→ **Stored items from a collection**:

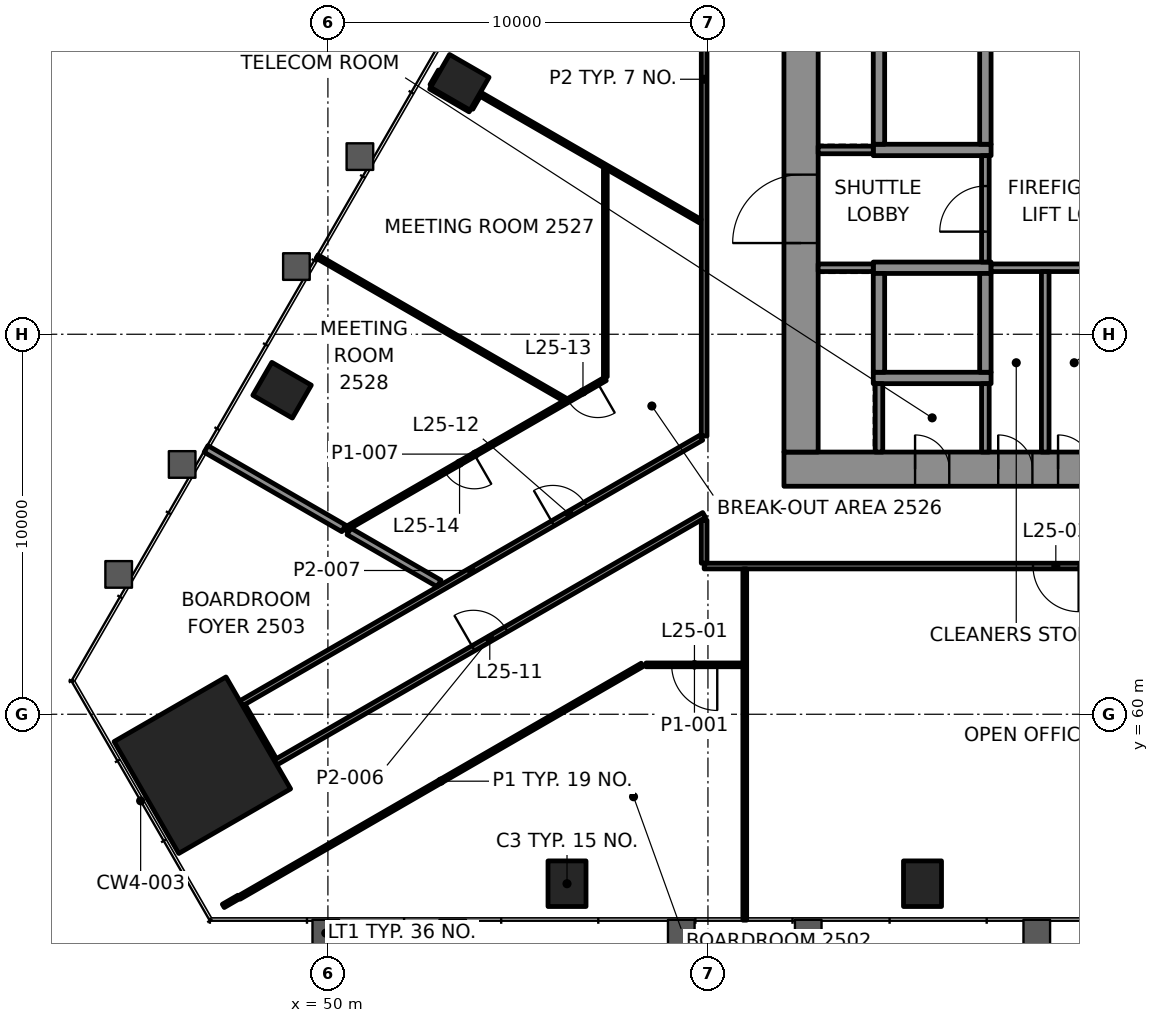
"""IFC4 building model, lengths in metres.
Left out: names, types, materials, properties, quantities, classifications, styles, units other than length and angle.
Written with IfcOpenShell. Run it as: python <this file> out.ifc"""

import sys

from ifc_helpers import new_model, si_unit, direction, frame, frame_2d, origin, origin_2d, place, context, subcontext, project, spatial, rectangle, extrude, element, fill, save


model = new_model("IFC4")
c1 = context("Model", 3, precision=1e-05, world=origin(), true_north=direction((0.0, 1.0)))
c2 = subcontext(c1, "Body", "Model", "MODEL_VIEW")
j1 = project(units=[si_unit("LENGTHUNIT", "METRE"), si_unit("PLANEANGLEUNIT", "RADIAN")], contexts=[c1])
p1 = place(None, origin())
s1 = spatial("IfcSite", under=j1, at=p1, CompositionType="ELEMENT")
p2 = place(p1, origin())
s2 = spatial("IfcBuilding", under=s1, at=p2, CompositionType="ELEMENT")
p3 = place(p2, frame((0.0, 0.0, 111.4)))
s3 = spatial("IfcBuildingStorey", under=s2, at=p3, CompositionType="ELEMENT", Elevation=111.4)
p4 = place(p3, frame((46.696, 58.659, 0.0), z_axis=(0.0, 0.0, 1.0), x_axis=(0.5, -0.866025403784, 0.0)))
e1 = element("IfcColumn", 1, at=p4, inside=s3, PredefinedType="COLUMN", context=c2, shape_type="SweptSolid", body=[
    extrude(rectangle(XDim=3.4, YDim=3.4, at=origin_2d()), origin(), (0.0, 0.0, 1.0), 4.2),
])
for number, where, z_axis, x_axis in (
    (2, (56.292, 55.541, -0.0), (0.0, 0.0, 1.0), (1.0, 0.0, 0.0)),
    (3, (65.646, 55.541, -0.0), (0.0, 0.0, 1.0), (1.0, 0.0, 0.0)),
    (4, (53.471, 76.628, -0.0), (0.0, 0.0, 1.0), (-0.5, -0.866, 0.0)),
    (5, (48.794, 68.528, -0.0), (0.0, 0.0, 1.0), (-0.5, -0.866, 0.0)),
):
    element("IfcColumn", number, at=place(p3, frame(where, z_axis=z_axis, x_axis=x_axis)), inside=s3, PredefinedType="COLUMN", context=c2, shape_type="SweptSolid", body=[
        extrude(rectangle(XDim=1.0, YDim=1.2, at=origin_2d()), origin(), (0.0, 0.0, 1.0), 4.2),
    ])
p5 = place(p3, frame((62.0, 66.45, 0.0), z_axis=(0.0, 0.0, 1.0), x_axis=(1.0, 0.0, 0.0)))
e6 = element("IfcWall", 6, at=p5, inside=s3, PredefinedType="SHEAR", context=c2, shape_type="SweptSolid", body=[
    extrude(rectangle(XDim=26.0, YDim=0.9, at=frame_2d((13.0, 0.0))), origin(), (0.0, 0.0, 1.0), 4.0),
])
p6 = place(p5, frame((3.45, 0.0, 0.0)))
e7 = element("IfcOpeningElement", 7, at=p6, cuts=e6, PredefinedType="OPENING", context=c2, shape_type="SweptSolid", body=[
    extrude(rectangle(XDim=0.9, YDim=2.1, at=frame_2d((0.45, 1.05))), frame((0.0, 0.46, 0.0), z_axis=(0.0, -1.0, 0.0), x_axis=(1.0, 0.0, 0.0)), (0.0, 0.0, 1.0), 0.92),
])
p7 = place(p5, frame((5.637, 0.0, 0.0)))
e8 = element("IfcOpeningElement", 8, at=p7, cuts=e6, PredefinedType="OPENING", context=c2, shape_type="SweptSolid", body=[
    extrude(rectangle(XDim=0.9, YDim=2.1, at=frame_2d((0.45, 1.05))), frame((0.0, 0.46, 0.0), z_axis=(0.0, -1.0, 0.0), x_axis=(1.0, 0.0, 0.0)), (0.0, 0.0, 1.0), 0.92),
])
p8 = place(p5, frame((7.212, 0.0, 0.0)))
e9 = element("IfcOpeningElement", 9, at=p8, cuts=e6, PredefinedType="OPENING", context=c2, shape_type="SweptSolid", body=[
    extrude(rectangle(XDim=0.9, YDim=2.1, at=frame_2d((0.45, 1.05))), frame((0.0, 0.46, 0.0), z_axis=(0.0, -1.0, 0.0), x_axis=(1.0, 0.0, 0.0)), (0.0, 0.0, 1.0), 0.92),
])
p9 = place(p5, frame((8.999, 0.0, 0.0)))
e10 = element("IfcOpeningElement", 10, at=p9, cuts=e6, PredefinedType="OPENING", context=c2, shape_type="SweptSolid", body=[
    extrude(rectangle(XDim=0.9, YDim=2.1, at=frame_2d((0.45, 1.05))), frame((0.0, 0.46, 0.0), z_axis=(0.0, -1.0, 0.0), x_axis=(1.0, 0.0, 0.0)), (0.0, 0.0, 1.0), 0.92),
])
p10 = place(p5, frame((17.324, 0.0, 0.0)))
e11 = element("IfcOpeningElement", 11, at=p10, cuts=e6, PredefinedType="OPENING", context=c2, shape_type="SweptSolid", body=[
    extrude(rectangle(XDim=0.9, YDim=2.1, at=frame_2d((0.45, 1.05))), frame((0.0, 0.46, 0.0), z_axis=(0.0, -1.0, 0.0), x_axis=(1.0, 0.0, 0.0)), (0.0, 0.0, 1.0), 0.92),
])
p11 = place(p3, frame((62.45, 66.9, 0.0), z_axis=(0.0, 0.0, 1.0), x_axis=(0.0, 1.0, 0.0)))
e12 = element("IfcWall", 12, at=p11, inside=s3, PredefinedType="SHEAR", context=c2, shape_type="SweptSolid", body=[
    extrude(rectangle(XDim=16.2, YDim=0.9, at=frame_2d((8.1, 0.0))), origin(), (0.0, 0.0, 1.0), 4.0),
])
p12 = place(p11, frame((5.5, 0.0, 0.0)))
e13 = element("IfcOpeningElement", 13, at=p12, cuts=e12, PredefinedType="OPENING", context=c2, shape_type="SweptSolid", body=[
    extrude(rectangle(XDim=1.8, YDim=2.1, at=frame_2d((0.9, 1.05))), frame((0.0, 0.46, 0.0), z_axis=(0.0, -1.0, 0.0), x_axis=(1.0, 0.0, 0.0)), (0.0, 0.0, 1.0), 0.92),
])
for number, where, z_axis, x_axis in (
    (14, (64.35, 68.85, 0.0), (0.0, 0.0, 1.0), (1.0, 0.0, 0.0)),
    (15, (64.35, 71.75, 0.0), (0.0, 0.0, 1.0), (1.0, 0.0, 0.0)),
    (16, (64.35, 74.85, 0.0), (0.0, 0.0, 1.0), (1.0, 0.0, 0.0)),
):
    element("IfcWall", number, at=place(p3, frame(where, z_axis=z_axis, x_axis=x_axis)), inside=s3, PredefinedType="SHEAR", context=c2, shape_type="SweptSolid", body=[
        extrude(rectangle(XDim=3.1, YDim=0.3, at=frame_2d((1.55, 0.0))), origin(), (0.0, 0.0, 1.0), 4.0),
    ])
for number, where, z_axis, x_axis in (
    (17, (64.5, 69.0, 0.0), (0.0, 0.0, 1.0), (0.0, 1.0, 0.0)),
    (18, (64.5, 75.0, 0.0), (0.0, 0.0, 1.0), (0.0, 1.0, 0.0)),
    (19, (67.3, 69.0, 0.0), (0.0, 0.0, 1.0), (0.0, 1.0, 0.0)),
    (20, (67.3, 75.0, 0.0), (0.0, 0.0, 1.0), (0.0, 1.0, 0.0)),
):
    element("IfcWall", number, at=place(p3, frame(where, z_axis=z_axis, x_axis=x_axis)), inside=s3, PredefinedType="SHEAR", context=c2, shape_type="SweptSolid", body=[
        extrude(rectangle(XDim=2.6, YDim=0.3, at=frame_2d((1.3, 0.0))), origin(), (0.0, 0.0, 1.0), 4.0),
    ])
p13 = place(p3, frame((60.919, 61.3, 0.0), z_axis=(0.0, 0.0, 1.0), x_axis=(-1.0, 0.0, 0.0)))
e21 = element("IfcWall", 21, at=p13, inside=s3, PredefinedType="PARTITIONING", context=c2, shape_type="SweptSolid", body=[
    extrude(rectangle(XDim=2.548, YDim=0.1, at=frame_2d((1.274, 0.0))), origin(), (0.0, 0.0, 1.0), 3.4),
])
p14 = place(p13, frame((0.674, 0.0, 0.0)))
e22 = element("IfcOpeningElement", 22, at=p14, cuts=e21, PredefinedType="OPENING", context=c2, shape_type="SweptSolid", body=[
    extrude(rectangle(XDim=1.2, YDim=2.1, at=frame_2d((0.6, 1.05))), frame((0.0, 0.06, 0.0), z_axis=(0.0, -1.0, 0.0), x_axis=(1.0, 0.0, 0.0)), (0.0, 0.0, 1.0), 0.12),
])
p15 = place(p3, frame((90.099, 63.9, 0.0), z_axis=(0.0, 0.0, 1.0), x_axis=(-1.0, 0.0, 0.0)))
e23 = element("IfcWall", 23, at=p15, inside=s3, PredefinedType="PARTITIONING", context=c2, shape_type="SweptSolid", body=[
    extrude(rectangle(XDim=30.199, YDim=0.15, at=frame_2d((15.099, 0.0))), origin(), (0.0, 0.0, 1.0), 3.4),
])
p16 = place(p15, frame((5.882, 0.0, 0.0)))
e24 = element("IfcOpeningElement", 24, at=p16, cuts=e23, PredefinedType="OPENING", context=c2, shape_type="SweptSolid", body=[
    extrude(rectangle(XDim=1.2, YDim=2.1, at=frame_2d((0.6, 1.05))), frame((0.0, 0.085, 0.0), z_axis=(0.0, -1.0, 0.0), x_axis=(1.0, 0.0, 0.0)), (0.0, 0.0, 1.0), 0.17),
])
p17 = place(p15, frame((20.346, 0.0, 0.0)))
e25 = element("IfcOpeningElement", 25, at=p17, cuts=e23, PredefinedType="OPENING", context=c2, shape_type="SweptSolid", body=[
    extrude(rectangle(XDim=1.2, YDim=2.1, at=frame_2d((0.6, 1.05))), frame((0.0, 0.085, 0.0), z_axis=(0.0, -1.0, 0.0), x_axis=(1.0, 0.0, 0.0)), (0.0, 0.0, 1.0), 0.17),
])
p18 = place(p3, frame((47.667, 55.178, 0.0), z_axis=(0.0, 0.0, 1.0), x_axis=(0.866022223021, 0.500005509203, 0.0)))
e26 = element("IfcWall", 26, at=p18, inside=s3, PredefinedType="PARTITIONING", context=c2, shape_type="SweptSolid", body=[
    extrude(rectangle(XDim=12.244, YDim=0.1, at=frame_2d((6.122, 0.0))), origin(), (0.0, 0.0, 1.0), 3.4),
])
p19 = place(p3, frame((47.248, 54.958, 0.0), z_axis=(0.0, 0.0, 1.0), x_axis=(0.865944638795, 0.50013986298, 0.0)))
e27 = element("IfcWall", 27, at=p19, inside=s3, PredefinedType="PARTITIONING", context=c2, shape_type="SweptSolid", body=[
    extrude(rectangle(XDim=0.472, YDim=0.1, at=frame_2d((0.236, 0.0))), origin(), (0.0, 0.0, 1.0), 3.4),
])
p20 = place(p3, frame((48.619, 58.73, 0.0), z_axis=(0.0, 0.0, 1.0), x_axis=(0.866022351388, 0.500005286868, 0.0)))
e28 = element("IfcWall", 28, at=p20, inside=s3, PredefinedType="PARTITIONING", context=c2, shape_type="SweptSolid", body=[
    extrude(rectangle(XDim=13.026, YDim=0.15, at=frame_2d((6.513, 0.0))), origin(), (0.0, 0.0, 1.0), 3.247),
])
p21 = place(p20, frame((6.013, 0.0, 0.0)))
e29 = element("IfcOpeningElement", 29, at=p21, cuts=e28, PredefinedType="OPENING", context=c2, shape_type="SweptSolid", body=[
    extrude(rectangle(XDim=1.0, YDim=2.1, at=frame_2d((0.5, 1.05))), frame((0.0, 0.085, 0.0), z_axis=(0.0, -1.0, 0.0), x_axis=(1.0, 0.0, 0.0)), (0.0, 0.0, 1.0), 0.17),
])
p22 = place(p3, frame((47.719, 60.289, 0.0), z_axis=(0.0, 0.0, 1.0), x_axis=(0.866025916507, 0.499999111938, 0.0)))
e30 = element("IfcWall", 30, at=p22, inside=s3, PredefinedType="PARTITIONING", context=c2, shape_type="SweptSolid", body=[
    extrude(rectangle(XDim=13.979, YDim=0.15, at=frame_2d((6.99, 0.0))), origin(), (0.0, 0.0, 1.0), 3.4),
])
p23 = place(p22, frame((9.467, 0.0, 0.0)))
e31 = element("IfcOpeningElement", 31, at=p23, cuts=e30, PredefinedType="OPENING", context=c2, shape_type="SweptSolid", body=[
    extrude(rectangle(XDim=1.0, YDim=2.1, at=frame_2d((0.5, 1.05))), frame((0.0, 0.085, 0.0), z_axis=(0.0, -1.0, 0.0), x_axis=(1.0, 0.0, 0.0)), (0.0, 0.0, 1.0), 0.17),
])
p24 = place(p3, frame((57.3, 68.823, 0.0), z_axis=(0.0, 0.0, 1.0), x_axis=(-0.866030292833, -0.499991531824, 0.0)))
e32 = element("IfcWall", 32, at=p24, inside=s3, PredefinedType="PARTITIONING", context=c2, shape_type="SweptSolid", body=[
    extrude(rectangle(XDim=7.906, YDim=0.1, at=frame_2d((3.953, 0.0))), origin(), (0.0, 0.0, 1.0), 3.4),
])
p25 = place(p24, frame((0.229, 0.0, 0.0)))
e33 = element("IfcOpeningElement", 33, at=p25, cuts=e32, PredefinedType="OPENING", context=c2, shape_type="SweptSolid", body=[
    extrude(rectangle(XDim=0.9, YDim=2.1, at=frame_2d((0.45, 1.05))), frame((0.0, 0.06, 0.0), z_axis=(0.0, -1.0, 0.0), x_axis=(1.0, 0.0, 0.0)), (0.0, 0.0, 1.0), 0.12),
])
p26 = place(p24, frame((3.979, 0.0, 0.0)))
e34 = element("IfcOpeningElement", 34, at=p26, cuts=e32, PredefinedType="OPENING", context=c2, shape_type="SweptSolid", body=[
    extrude(rectangle(XDim=0.9, YDim=2.1, at=frame_2d((0.45, 1.05))), frame((0.0, 0.06, 0.0), z_axis=(0.0, -1.0, 0.0), x_axis=(1.0, 0.0, 0.0)), (0.0, 0.0, 1.0), 0.12),
])
p27 = place(p3, frame((53.771, 75.948, 0.0), z_axis=(0.0, 0.0, 1.0), x_axis=(0.500246304613, 0.865883153041, 0.0)))
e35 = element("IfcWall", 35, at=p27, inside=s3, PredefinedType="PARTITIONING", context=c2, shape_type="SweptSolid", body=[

→ **WORK INSTRUCTION**: In the data above, how many lines hold the string "IfcColumn"? Give the number by itself.

→ **EXERCISE OUTPUT**: 2